WHAT THIS TASK INVOLVES
Within the entries below, the lines from the one with "35.964534178), (-25, 31.721893491))" through the one with "Line((20, -6.278106509), (20, 31.721893491))" are to be set down exactly, both ends kept.

Stored entries
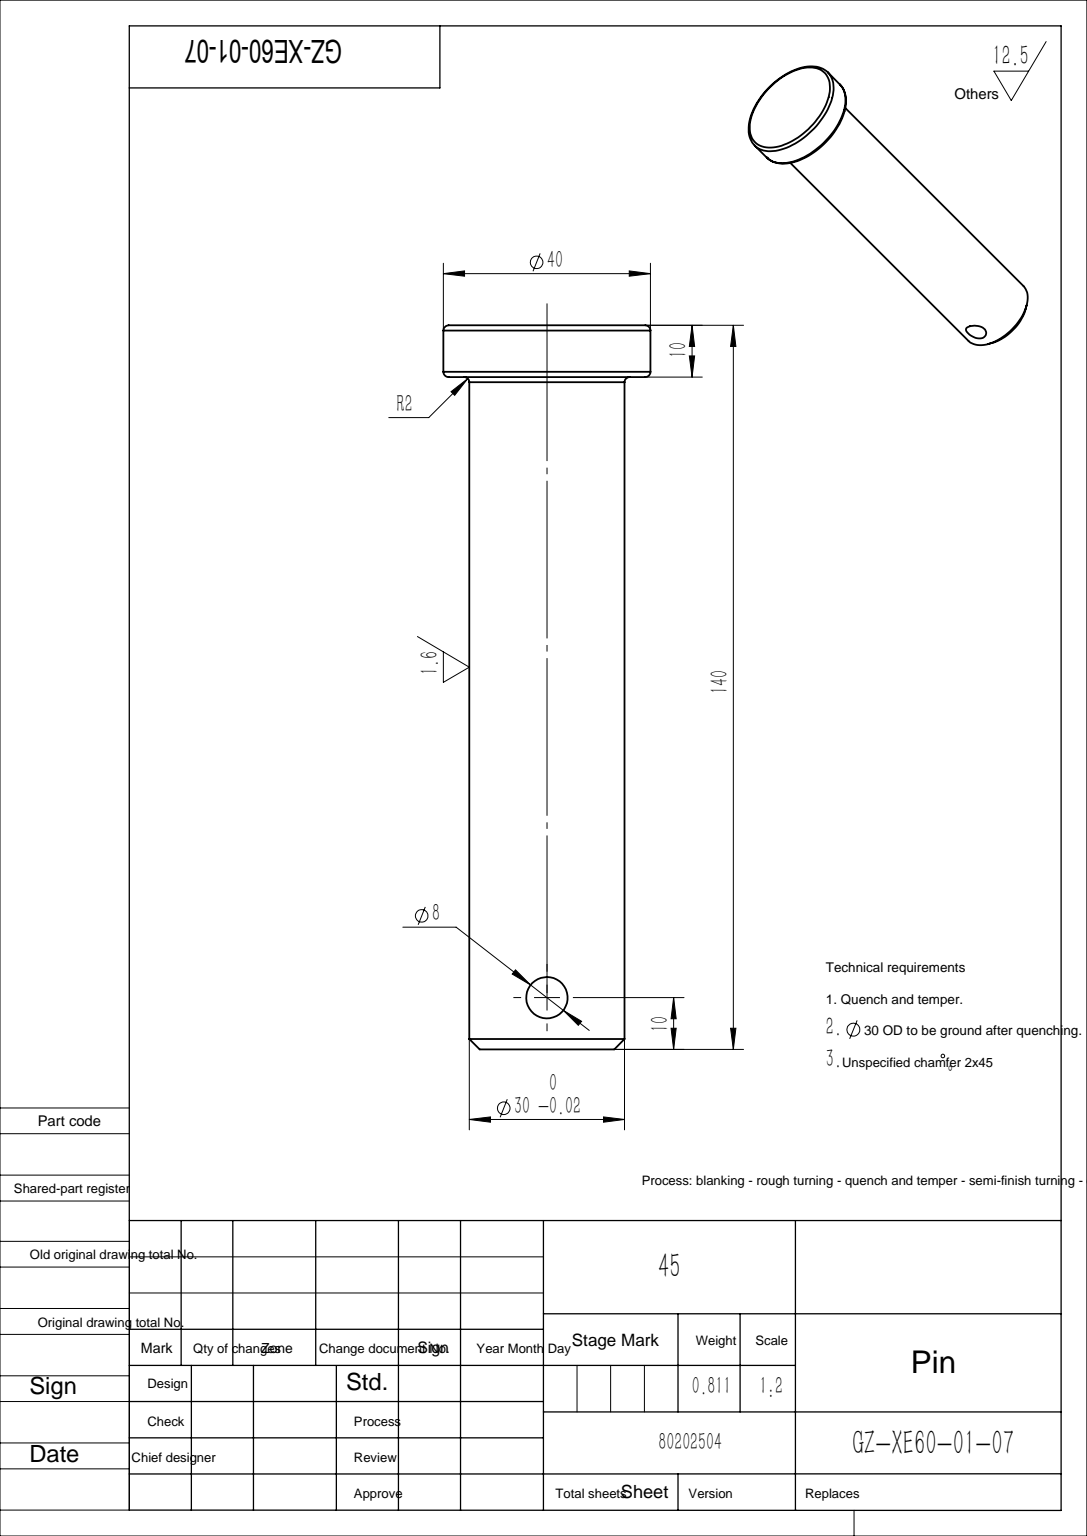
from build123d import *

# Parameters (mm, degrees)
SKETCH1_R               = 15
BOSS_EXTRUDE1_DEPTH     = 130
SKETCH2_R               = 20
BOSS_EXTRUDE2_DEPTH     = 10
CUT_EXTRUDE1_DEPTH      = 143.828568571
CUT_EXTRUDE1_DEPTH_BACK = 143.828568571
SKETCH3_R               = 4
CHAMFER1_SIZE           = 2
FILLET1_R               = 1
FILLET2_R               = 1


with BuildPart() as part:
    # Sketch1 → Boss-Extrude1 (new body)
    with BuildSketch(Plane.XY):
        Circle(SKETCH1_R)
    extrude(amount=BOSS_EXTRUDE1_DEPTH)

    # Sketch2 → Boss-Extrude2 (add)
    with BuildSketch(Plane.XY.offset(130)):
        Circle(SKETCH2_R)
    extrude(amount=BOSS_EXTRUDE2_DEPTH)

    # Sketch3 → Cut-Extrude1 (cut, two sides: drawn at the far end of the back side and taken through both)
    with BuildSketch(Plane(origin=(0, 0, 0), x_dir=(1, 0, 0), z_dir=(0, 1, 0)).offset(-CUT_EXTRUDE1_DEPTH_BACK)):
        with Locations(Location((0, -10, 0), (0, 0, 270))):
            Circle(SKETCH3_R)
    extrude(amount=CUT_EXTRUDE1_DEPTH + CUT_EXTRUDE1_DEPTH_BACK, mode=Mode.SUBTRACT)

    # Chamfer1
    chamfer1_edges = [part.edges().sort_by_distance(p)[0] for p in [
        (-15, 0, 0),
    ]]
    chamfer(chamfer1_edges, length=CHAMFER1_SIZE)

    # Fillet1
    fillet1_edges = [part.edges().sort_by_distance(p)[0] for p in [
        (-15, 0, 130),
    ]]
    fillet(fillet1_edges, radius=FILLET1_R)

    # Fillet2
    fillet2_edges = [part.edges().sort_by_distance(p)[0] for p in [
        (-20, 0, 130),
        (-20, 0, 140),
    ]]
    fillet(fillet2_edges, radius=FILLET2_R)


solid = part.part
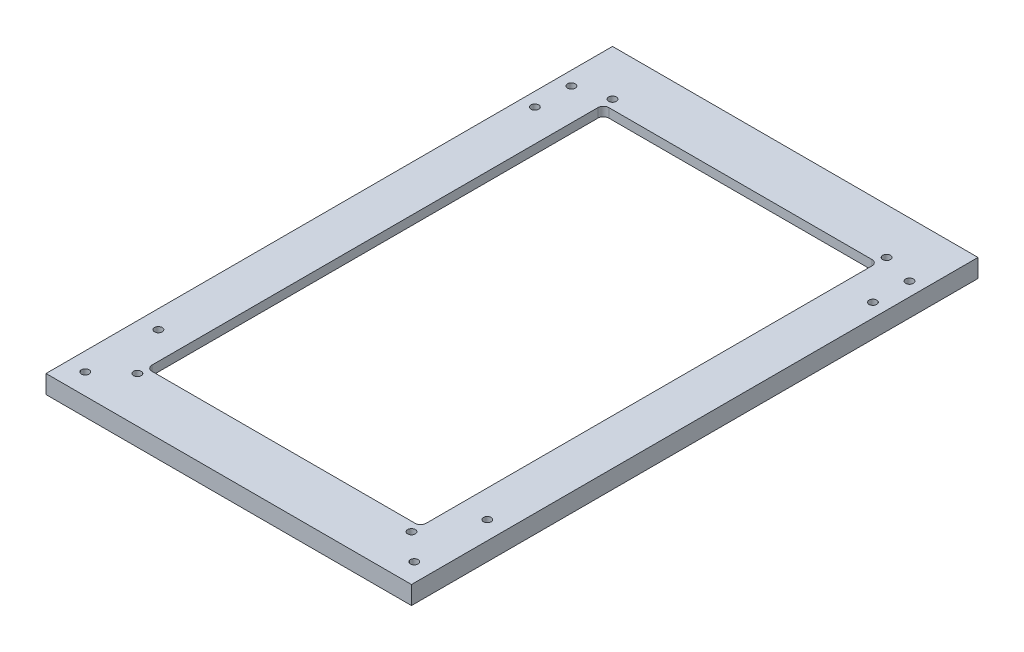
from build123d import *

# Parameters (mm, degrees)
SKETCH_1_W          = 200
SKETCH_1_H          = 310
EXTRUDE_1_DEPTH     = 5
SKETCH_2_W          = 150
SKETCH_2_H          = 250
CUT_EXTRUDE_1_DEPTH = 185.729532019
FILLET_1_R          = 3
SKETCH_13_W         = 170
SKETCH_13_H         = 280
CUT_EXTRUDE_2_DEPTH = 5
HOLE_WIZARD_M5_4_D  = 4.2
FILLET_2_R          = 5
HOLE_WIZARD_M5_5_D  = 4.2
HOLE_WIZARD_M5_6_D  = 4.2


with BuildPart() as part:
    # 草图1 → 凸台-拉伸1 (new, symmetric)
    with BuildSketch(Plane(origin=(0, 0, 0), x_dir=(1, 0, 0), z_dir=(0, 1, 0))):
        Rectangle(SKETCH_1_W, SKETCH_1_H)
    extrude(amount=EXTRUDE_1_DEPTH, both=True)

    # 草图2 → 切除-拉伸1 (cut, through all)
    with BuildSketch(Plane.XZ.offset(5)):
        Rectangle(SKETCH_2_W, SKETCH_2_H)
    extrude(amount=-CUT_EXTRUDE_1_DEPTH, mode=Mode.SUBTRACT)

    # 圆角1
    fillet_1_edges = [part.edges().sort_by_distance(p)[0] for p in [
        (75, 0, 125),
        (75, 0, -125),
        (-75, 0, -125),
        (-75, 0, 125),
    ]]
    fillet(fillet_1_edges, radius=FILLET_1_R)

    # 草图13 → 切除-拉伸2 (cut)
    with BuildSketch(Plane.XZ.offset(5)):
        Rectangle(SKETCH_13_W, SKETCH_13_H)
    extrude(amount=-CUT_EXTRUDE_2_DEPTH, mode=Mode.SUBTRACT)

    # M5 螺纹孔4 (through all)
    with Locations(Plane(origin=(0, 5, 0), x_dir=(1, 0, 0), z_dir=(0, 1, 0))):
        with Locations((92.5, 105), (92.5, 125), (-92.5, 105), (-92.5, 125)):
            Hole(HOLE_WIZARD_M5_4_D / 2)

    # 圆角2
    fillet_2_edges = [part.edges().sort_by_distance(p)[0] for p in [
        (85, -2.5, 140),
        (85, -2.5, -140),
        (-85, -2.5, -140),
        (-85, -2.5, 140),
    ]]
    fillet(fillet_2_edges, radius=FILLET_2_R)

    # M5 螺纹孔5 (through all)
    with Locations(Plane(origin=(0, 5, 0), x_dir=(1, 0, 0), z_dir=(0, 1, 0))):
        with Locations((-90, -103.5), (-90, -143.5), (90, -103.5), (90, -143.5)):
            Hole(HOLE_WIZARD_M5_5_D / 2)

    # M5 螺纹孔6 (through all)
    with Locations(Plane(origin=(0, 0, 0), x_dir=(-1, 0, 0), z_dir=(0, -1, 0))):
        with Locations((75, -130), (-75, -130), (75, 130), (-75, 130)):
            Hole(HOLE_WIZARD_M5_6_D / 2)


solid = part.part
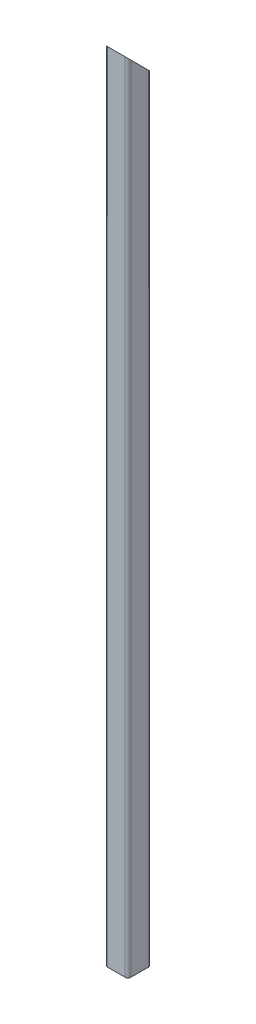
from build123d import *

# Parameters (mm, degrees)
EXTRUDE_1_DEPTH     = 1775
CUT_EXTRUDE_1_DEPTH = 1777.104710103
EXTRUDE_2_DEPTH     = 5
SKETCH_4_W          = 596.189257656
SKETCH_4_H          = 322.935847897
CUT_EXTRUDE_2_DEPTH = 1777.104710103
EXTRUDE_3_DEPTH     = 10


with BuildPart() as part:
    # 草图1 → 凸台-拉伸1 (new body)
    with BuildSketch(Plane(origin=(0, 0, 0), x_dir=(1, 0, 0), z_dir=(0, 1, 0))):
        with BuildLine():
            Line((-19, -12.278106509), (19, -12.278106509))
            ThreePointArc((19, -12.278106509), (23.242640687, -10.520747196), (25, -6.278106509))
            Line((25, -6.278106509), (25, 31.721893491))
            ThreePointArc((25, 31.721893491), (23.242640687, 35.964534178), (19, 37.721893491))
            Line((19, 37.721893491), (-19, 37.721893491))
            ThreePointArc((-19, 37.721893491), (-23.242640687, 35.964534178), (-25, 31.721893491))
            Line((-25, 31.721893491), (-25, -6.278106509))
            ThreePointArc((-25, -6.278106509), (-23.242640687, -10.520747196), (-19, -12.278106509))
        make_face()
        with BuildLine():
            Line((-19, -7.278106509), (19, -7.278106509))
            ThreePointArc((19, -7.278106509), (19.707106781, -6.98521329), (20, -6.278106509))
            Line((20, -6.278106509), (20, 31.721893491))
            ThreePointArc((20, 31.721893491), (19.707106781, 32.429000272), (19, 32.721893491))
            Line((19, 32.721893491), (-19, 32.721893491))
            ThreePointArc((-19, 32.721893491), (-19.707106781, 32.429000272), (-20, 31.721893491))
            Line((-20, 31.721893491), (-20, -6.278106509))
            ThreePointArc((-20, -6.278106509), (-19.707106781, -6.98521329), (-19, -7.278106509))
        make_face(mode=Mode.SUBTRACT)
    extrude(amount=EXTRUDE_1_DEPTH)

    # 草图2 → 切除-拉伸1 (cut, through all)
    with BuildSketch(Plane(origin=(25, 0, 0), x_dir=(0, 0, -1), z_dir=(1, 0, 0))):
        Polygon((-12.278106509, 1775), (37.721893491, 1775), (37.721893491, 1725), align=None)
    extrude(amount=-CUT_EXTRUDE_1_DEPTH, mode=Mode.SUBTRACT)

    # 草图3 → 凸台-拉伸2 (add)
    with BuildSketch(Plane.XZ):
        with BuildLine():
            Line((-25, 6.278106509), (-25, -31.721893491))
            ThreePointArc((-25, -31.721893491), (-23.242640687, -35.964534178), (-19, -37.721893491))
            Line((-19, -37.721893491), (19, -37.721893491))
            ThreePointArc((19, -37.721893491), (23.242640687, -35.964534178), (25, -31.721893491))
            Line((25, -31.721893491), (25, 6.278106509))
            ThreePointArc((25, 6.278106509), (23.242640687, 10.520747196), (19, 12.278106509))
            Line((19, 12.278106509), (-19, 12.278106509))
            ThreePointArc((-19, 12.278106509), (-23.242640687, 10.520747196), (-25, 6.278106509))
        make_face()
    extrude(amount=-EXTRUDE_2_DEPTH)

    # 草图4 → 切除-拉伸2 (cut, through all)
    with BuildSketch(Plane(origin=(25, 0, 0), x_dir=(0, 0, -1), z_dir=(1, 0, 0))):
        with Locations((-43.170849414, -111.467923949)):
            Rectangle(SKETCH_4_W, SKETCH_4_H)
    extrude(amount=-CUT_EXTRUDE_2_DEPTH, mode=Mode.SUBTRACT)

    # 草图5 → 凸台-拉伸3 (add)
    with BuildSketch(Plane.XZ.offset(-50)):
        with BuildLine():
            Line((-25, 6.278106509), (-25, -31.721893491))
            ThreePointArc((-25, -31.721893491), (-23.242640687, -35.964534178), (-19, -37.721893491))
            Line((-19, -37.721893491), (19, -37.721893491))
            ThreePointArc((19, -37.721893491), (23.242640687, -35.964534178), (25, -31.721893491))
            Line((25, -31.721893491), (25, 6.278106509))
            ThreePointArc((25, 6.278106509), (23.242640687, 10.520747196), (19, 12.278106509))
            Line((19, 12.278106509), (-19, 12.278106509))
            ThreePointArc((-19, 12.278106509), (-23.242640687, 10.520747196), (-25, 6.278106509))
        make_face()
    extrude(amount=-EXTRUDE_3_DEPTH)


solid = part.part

REPLY
            ThreePointArc((-19, 37.721893491), (-23.242640687, 35.964534178), (-25, 31.721893491))
            Line((-25, 31.721893491), (-25, -6.278106509))
            ThreePointArc((-25, -6.278106509), (-23.242640687, -10.520747196), (-19, -12.278106509))
        make_face()
        with BuildLine():
            Line((-19, -7.278106509), (19, -7.278106509))
            ThreePointArc((19, -7.278106509), (19.707106781, -6.98521329), (20, -6.278106509))
            Line((20, -6.278106509), (20, 31.721893491))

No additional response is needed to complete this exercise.